## Entries supplied
= = =

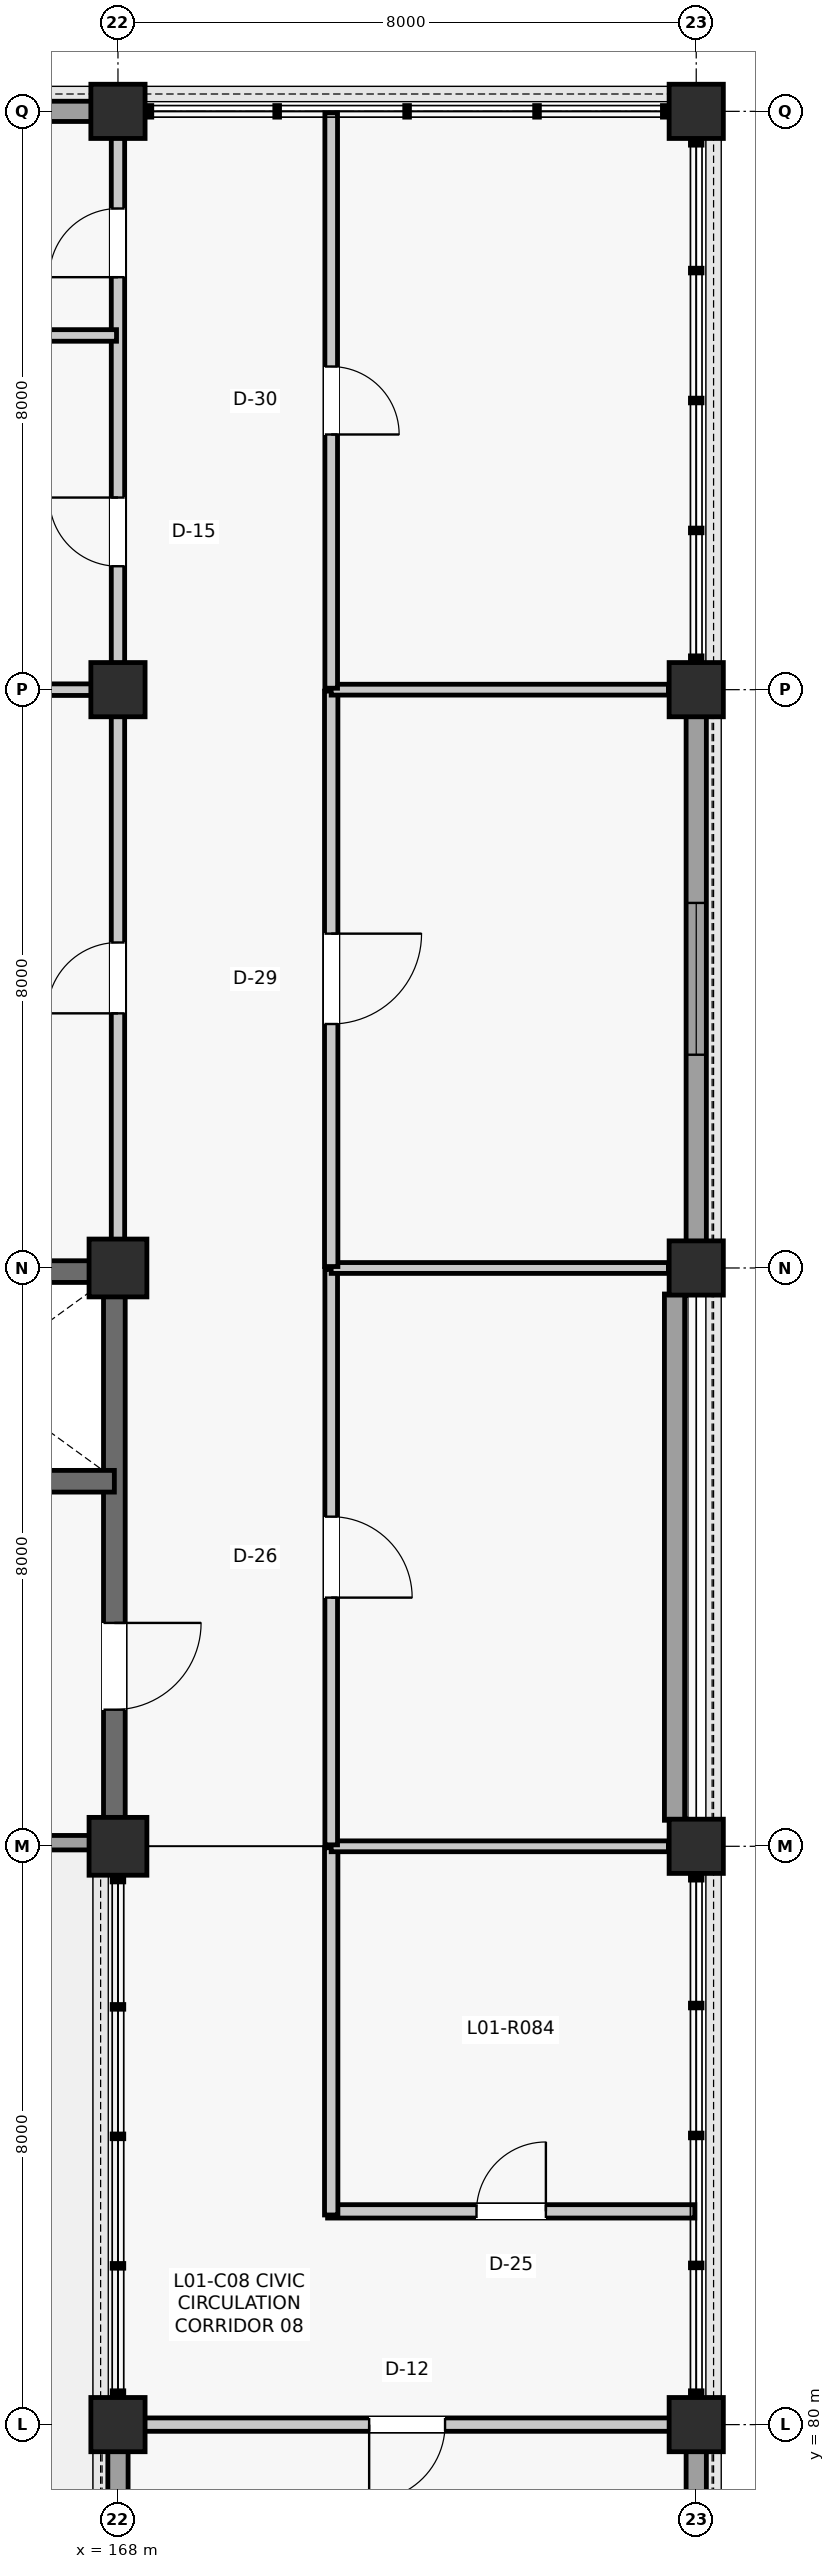
"""IFC4 building model, lengths in metres.
Left out: names, types, materials, properties, quantities, classifications, styles, units other than length and angle.
Written with IfcOpenShell. Run it as: python <this file> out.ifc"""

import sys

from ifc_helpers import new_model, si_unit, direction, frame, frame_2d, origin, origin_2d, place, context, subcontext, project, spatial, rectangle, extrude, element, fill, save


model = new_model("IFC4")
c1 = context("Model", 3, precision=1e-05, world=origin(), true_north=direction((0.0, 1.0)))
c2 = subcontext(c1, "Body", "Model", "MODEL_VIEW")
j1 = project(units=[si_unit("LENGTHUNIT", "METRE"), si_unit("PLANEANGLEUNIT", "RADIAN")], contexts=[c1])
p1 = place(None, origin())
s1 = spatial("IfcSite", under=j1, at=p1, CompositionType="ELEMENT")
p2 = place(p1, origin())
s2 = spatial("IfcBuilding", under=s1, at=p2, CompositionType="ELEMENT")
p3 = place(p2, frame((0.0, 0.0, 5.28)))
s3 = spatial("IfcBuildingStorey", under=s2, at=p3, CompositionType="ELEMENT", Elevation=5.28)
p4 = place(p3, frame((168.0, 80.0, 0.0), z_axis=(0.0, 0.0, 1.0), x_axis=(1.0, 0.0, 0.0)))
e1 = element("IfcColumn", 1, at=p4, inside=s3, PredefinedType="COLUMN", context=c2, shape_type="SweptSolid", body=[
    extrude(rectangle(XDim=0.75, YDim=0.75, at=origin_2d()), origin(), (0.0, 0.0, 1.0), 4.62),
])
for number, where, z_axis, x_axis in (
    (2, (168.0, 88.0, 0.0), (0.0, 0.0, 1.0), (1.0, 0.0, 0.0)),
    (3, (168.0, 96.0, 0.0), (0.0, 0.0, 1.0), (1.0, 0.0, 0.0)),
):
    element("IfcColumn", number, at=place(p3, frame(where, z_axis=z_axis, x_axis=x_axis)), inside=s3, PredefinedType="COLUMN", context=c2, shape_type="SweptSolid", body=[
        extrude(rectangle(XDim=0.8, YDim=0.8, at=origin_2d()), origin(), (0.0, 0.0, 1.0), 4.62),
    ])
for number, where, z_axis, x_axis in (
    (4, (168.0, 104.0, 0.0), (0.0, 0.0, 1.0), (1.0, 0.0, 0.0)),
    (5, (168.0, 112.0, 0.0), (0.0, 0.0, 1.0), (1.0, 0.0, 0.0)),
    (6, (176.0, 80.0, 0.0), (0.0, 0.0, 1.0), (1.0, 0.0, 0.0)),
    (7, (176.0, 88.0, 0.0), (0.0, 0.0, 1.0), (1.0, 0.0, 0.0)),
    (8, (176.0, 96.0, 0.0), (0.0, 0.0, 1.0), (1.0, 0.0, 0.0)),
    (9, (176.0, 104.0, 0.0), (0.0, 0.0, 1.0), (1.0, 0.0, 0.0)),
    (10, (176.0, 112.0, 0.0), (0.0, 0.0, 1.0), (1.0, 0.0, 0.0)),
):
    element("IfcColumn", number, at=place(p3, frame(where, z_axis=z_axis, x_axis=x_axis)), inside=s3, PredefinedType="COLUMN", context=c2, shape_type="SweptSolid", body=[
        extrude(rectangle(XDim=0.75, YDim=0.75, at=origin_2d()), origin(), (0.0, 0.0, 1.0), 4.62),
    ])
p5 = place(p3, frame((160.36, 112.0, 0.0), z_axis=(0.0, 0.0, 1.0), x_axis=(1.0, 0.0, 0.0)))
e11 = element("IfcWall", 11, at=p5, inside=s3, PredefinedType="SOLIDWALL", context=c2, shape_type="SweptSolid", body=[
    extrude(rectangle(XDim=7.28, YDim=0.28, at=frame_2d((3.64, 0.0))), origin(), (0.0, 0.0, 1.0), 3.977),
])
p6 = place(p5, frame((0.835, 0.0, 1.2)))
e12 = element("IfcOpeningElement", 12, at=p6, cuts=e11, PredefinedType="OPENING", context=c2, shape_type="SweptSolid", body=[
    extrude(rectangle(XDim=0.95, YDim=1.4, at=frame_2d((0.475, 0.7))), frame((0.0, 0.15, 0.0), z_axis=(0.0, -1.0, 0.0), x_axis=(1.0, 0.0, 0.0)), (0.0, 0.0, 1.0), 0.3),
])
p7 = place(p5, frame((5.495, 0.0, 1.2)))
e13 = element("IfcOpeningElement", 13, at=p7, cuts=e11, PredefinedType="OPENING", context=c2, shape_type="SweptSolid", body=[
    extrude(rectangle(XDim=0.95, YDim=1.4, at=frame_2d((0.475, 0.7))), frame((0.0, 0.15, 0.0), z_axis=(0.0, -1.0, 0.0), x_axis=(1.0, 0.0, 0.0)), (0.0, 0.0, 1.0), 0.3),
])
p8 = place(p3, frame((168.0, 72.285, 0.0), z_axis=(0.0, 0.0, 1.0), x_axis=(0.0, 1.0, 0.0)))
e14 = element("IfcWall", 14, at=p8, inside=s3, PredefinedType="SOLIDWALL", context=c2, shape_type="SweptSolid", body=[
    extrude(rectangle(XDim=7.355, YDim=0.28, at=frame_2d((3.677, 0.0))), origin(), (0.0, 0.0, 1.0), 3.977),
])
p9 = place(p8, frame((2.778, 0.0, 0.9)))
e15 = element("IfcOpeningElement", 15, at=p9, cuts=e14, PredefinedType="OPENING", context=c2, shape_type="SweptSolid", body=[
    extrude(rectangle(XDim=1.8, YDim=2.3, at=frame_2d((0.9, 1.15))), frame((0.0, 0.15, 0.0), z_axis=(0.0, -1.0, 0.0), x_axis=(1.0, 0.0, 0.0)), (0.0, 0.0, 1.0), 0.3),
])
p10 = place(p3, frame((176.0, 72.285, 0.0), z_axis=(0.0, 0.0, 1.0), x_axis=(0.0, 1.0, 0.0)))
e16 = element("IfcWall", 16, at=p10, inside=s3, PredefinedType="SOLIDWALL", context=c2, shape_type="SweptSolid", body=[
    extrude(rectangle(XDim=7.355, YDim=0.28, at=frame_2d((3.677, 0.0))), origin(), (0.0, 0.0, 1.0), 3.91),
])
p11 = place(p10, frame((2.778, 0.0, 0.9)))
e17 = element("IfcOpeningElement", 17, at=p11, cuts=e16, PredefinedType="OPENING", context=c2, shape_type="SweptSolid", body=[
    extrude(rectangle(XDim=1.8, YDim=2.3, at=frame_2d((0.9, 1.15))), frame((0.0, 0.15, 0.0), z_axis=(0.0, -1.0, 0.0), x_axis=(1.0, 0.0, 0.0)), (0.0, 0.0, 1.0), 0.3),
])
p12 = place(p3, frame((175.7, 88.36, 0.0), z_axis=(0.0, 0.0, 1.0), x_axis=(0.0, 1.0, 0.0)))
e18 = element("IfcWall", 18, at=p12, inside=s3, PredefinedType="SOLIDWALL", context=c2, shape_type="SweptSolid", body=[
    extrude(rectangle(XDim=7.28, YDim=0.28, at=frame_2d((3.64, 0.0))), origin(), (0.0, 0.0, 1.0), 3.914),
])
p13 = place(p3, frame((176.0, 96.36, 0.0), z_axis=(0.0, 0.0, 1.0), x_axis=(0.0, 1.0, 0.0)))
e19 = element("IfcWall", 19, at=p13, inside=s3, PredefinedType="SOLIDWALL", context=c2, shape_type="SweptSolid", body=[
    extrude(rectangle(XDim=7.28, YDim=0.28, at=frame_2d((3.64, 0.0))), origin(), (0.0, 0.0, 1.0), 3.977),
])
p14 = place(p13, frame((2.59, 0.0, 0.9)))
e20 = element("IfcOpeningElement", 20, at=p14, cuts=e19, PredefinedType="OPENING", context=c2, shape_type="SweptSolid", body=[
    extrude(rectangle(XDim=2.1, YDim=2.4, at=frame_2d((1.05, 1.2))), frame((0.0, 0.15, 0.0), z_axis=(0.0, -1.0, 0.0), x_axis=(1.0, 0.0, 0.0)), (0.0, 0.0, 1.0), 0.3),
])
p15 = place(p3, frame((160.29, 95.95, 0.0), z_axis=(0.0, 0.0, 1.0), x_axis=(1.0, 0.0, 0.0)))
e21 = element("IfcWall", 21, at=p15, inside=s3, PredefinedType="SHEAR", context=c2, shape_type="SweptSolid", body=[
    extrude(rectangle(XDim=7.42, YDim=0.3, at=frame_2d((3.71, 0.0))), origin(), (0.0, 0.0, 1.0), 4.335),
])
p16 = place(p3, frame((167.95, 88.29, 0.0), z_axis=(0.0, 0.0, 1.0), x_axis=(0.0, 1.0, 0.0)))
e22 = element("IfcWall", 22, at=p16, inside=s3, PredefinedType="SHEAR", context=c2, shape_type="SweptSolid", body=[
    extrude(rectangle(XDim=7.42, YDim=0.3, at=frame_2d((3.71, 0.0))), origin(), (0.0, 0.0, 1.0), 4.335),
])
p17 = place(p16, frame((1.6, 0.0, 0.0)))
e23 = element("IfcOpeningElement", 23, at=p17, cuts=e22, PredefinedType="OPENING", context=c2, shape_type="SweptSolid", body=[
    extrude(rectangle(XDim=1.2, YDim=2.15, at=frame_2d((0.6, 1.075))), frame((0.0, 0.16, 0.0), z_axis=(0.0, -1.0, 0.0), x_axis=(1.0, 0.0, 0.0)), (0.0, 0.0, 1.0), 0.32),
])
p18 = place(p3, frame((164.0, 93.05, 0.0), z_axis=(0.0, 0.0, 1.0), x_axis=(1.0, 0.0, 0.0)))
e24 = element("IfcWall", 24, at=p18, inside=s3, PredefinedType="SHEAR", context=c2, shape_type="SweptSolid", body=[
    extrude(rectangle(XDim=3.95, YDim=0.3, at=frame_2d((1.975, 0.0))), origin(), (0.0, 0.0, 1.0), 4.335),
])
p19 = place(p18, frame((1.375, 0.0, 0.0)))
e25 = element("IfcOpeningElement", 25, at=p19, cuts=e24, PredefinedType="OPENING", context=c2, shape_type="SweptSolid", body=[
    extrude(rectangle(XDim=1.2, YDim=2.2, at=frame_2d((0.6, 1.1))), frame((0.0, 0.16, 0.0), z_axis=(0.0, -1.0, 0.0), x_axis=(1.0, 0.0, 0.0)), (0.0, 0.0, 1.0), 0.32),
])
p20 = place(p3, frame((164.0, 88.05, 0.0), z_axis=(0.0, 0.0, 1.0), x_axis=(1.0, 0.0, 0.0)))
e26 = element("IfcWall", 26, at=p20, inside=s3, PredefinedType="PARTITIONING", context=c2, shape_type="SweptSolid", body=[
    extrude(rectangle(XDim=3.61, YDim=0.2, at=frame_2d((1.805, 0.0))), origin(), (0.0, 0.0, 1.0), 3.903),
])
p21 = place(p3, frame((170.9, 82.95, 0.0), z_axis=(0.0, 0.0, 1.0), x_axis=(1.0, 0.0, 0.0)))
e27 = element("IfcWall", 27, at=p21, inside=s3, PredefinedType="PARTITIONING", context=c2, shape_type="SweptSolid", body=[
    extrude(rectangle(XDim=5.08, YDim=0.185, at=frame_2d((2.54, 0.0))), origin(), (0.0, 0.0, 1.0), 3.967),
])
p22 = place(p21, frame((2.06, 0.0, 0.0)))
e28 = element("IfcOpeningElement", 28, at=p22, cuts=e27, PredefinedType="OPENING", context=c2, shape_type="SweptSolid", body=[
    extrude(rectangle(XDim=0.96, YDim=2.14, at=frame_2d((0.48, 1.07))), frame((0.0, 0.103, 0.0), z_axis=(0.0, -1.0, 0.0), x_axis=(1.0, 0.0, 0.0)), (0.0, 0.0, 1.0), 0.205),
])
p23 = place(p3, frame((170.95, 82.9, 0.0), z_axis=(0.0, 0.0, 1.0), x_axis=(0.0, 1.0, 0.0)))
e29 = element("IfcWall", 29, at=p23, inside=s3, PredefinedType="PARTITIONING", context=c2, shape_type="SweptSolid", body=[
    extrude(rectangle(XDim=5.08, YDim=0.185, at=frame_2d((2.54, 0.0))), origin(), (0.0, 0.0, 1.0), 3.712),
])
p24 = place(p3, frame((170.95, 88.0, 0.0), z_axis=(0.0, 0.0, 1.0), x_axis=(1.0, 0.0, 0.0)))
e30 = element("IfcWall", 30, at=p24, inside=s3, PredefinedType="PARTITIONING", context=c2, shape_type="SweptSolid", body=[
    extrude(rectangle(XDim=4.665, YDim=0.15, at=frame_2d((2.333, 0.0))), origin(), (0.0, 0.0, 1.0), 3.712),
])
p25 = place(p3, frame((170.95, 88.02, 0.0), z_axis=(0.0, 0.0, 1.0), x_axis=(0.0, 1.0, 0.0)))
e31 = element("IfcWall", 31, at=p25, inside=s3, PredefinedType="PARTITIONING", context=c2, shape_type="SweptSolid", body=[
    extrude(rectangle(XDim=7.96, YDim=0.175, at=frame_2d((3.98, 0.0))), origin(), (0.0, 0.0, 1.0), 3.712),
])
p26 = place(p25, frame((3.42, 0.0, 0.0)))
e32 = element("IfcOpeningElement", 32, at=p26, cuts=e31, PredefinedType="OPENING", context=c2, shape_type="SweptSolid", body=[
    extrude(rectangle(XDim=1.12, YDim=2.22, at=frame_2d((0.56, 1.11))), frame((0.0, 0.097, 0.0), z_axis=(0.0, -1.0, 0.0), x_axis=(1.0, 0.0, 0.0)), (0.0, 0.0, 1.0), 0.195),
])
p27 = place(p3, frame((170.95, 96.0, 0.0), z_axis=(0.0, 0.0, 1.0), x_axis=(1.0, 0.0, 0.0)))
e33 = element("IfcWall", 33, at=p27, inside=s3, PredefinedType="PARTITIONING", context=c2, shape_type="SweptSolid", body=[
    extrude(rectangle(XDim=4.665, YDim=0.15, at=frame_2d((2.333, 0.0))), origin(), (0.0, 0.0, 1.0), 3.787),
])
p28 = place(p3, frame((170.95, 96.02, 0.0), z_axis=(0.0, 0.0, 1.0), x_axis=(0.0, 1.0, 0.0)))
e34 = element("IfcWall", 34, at=p28, inside=s3, PredefinedType="PARTITIONING", context=c2, shape_type="SweptSolid", body=[
    extrude(rectangle(XDim=7.96, YDim=0.185, at=frame_2d((3.98, 0.0))), origin(), (0.0, 0.0, 1.0), 3.771),
])
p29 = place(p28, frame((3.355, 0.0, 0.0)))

= = =

## Exercise goal
Where a line above contains the string "direction", copy that line.

## Answer
from ifc_helpers import new_model, si_unit, direction, frame, frame_2d, origin, origin_2d, place, context, subcontext, project, spatial, rectangle, extrude, element, fill, save
c1 = context("Model", 3, precision=1e-05, world=origin(), true_north=direction((0.0, 1.0)))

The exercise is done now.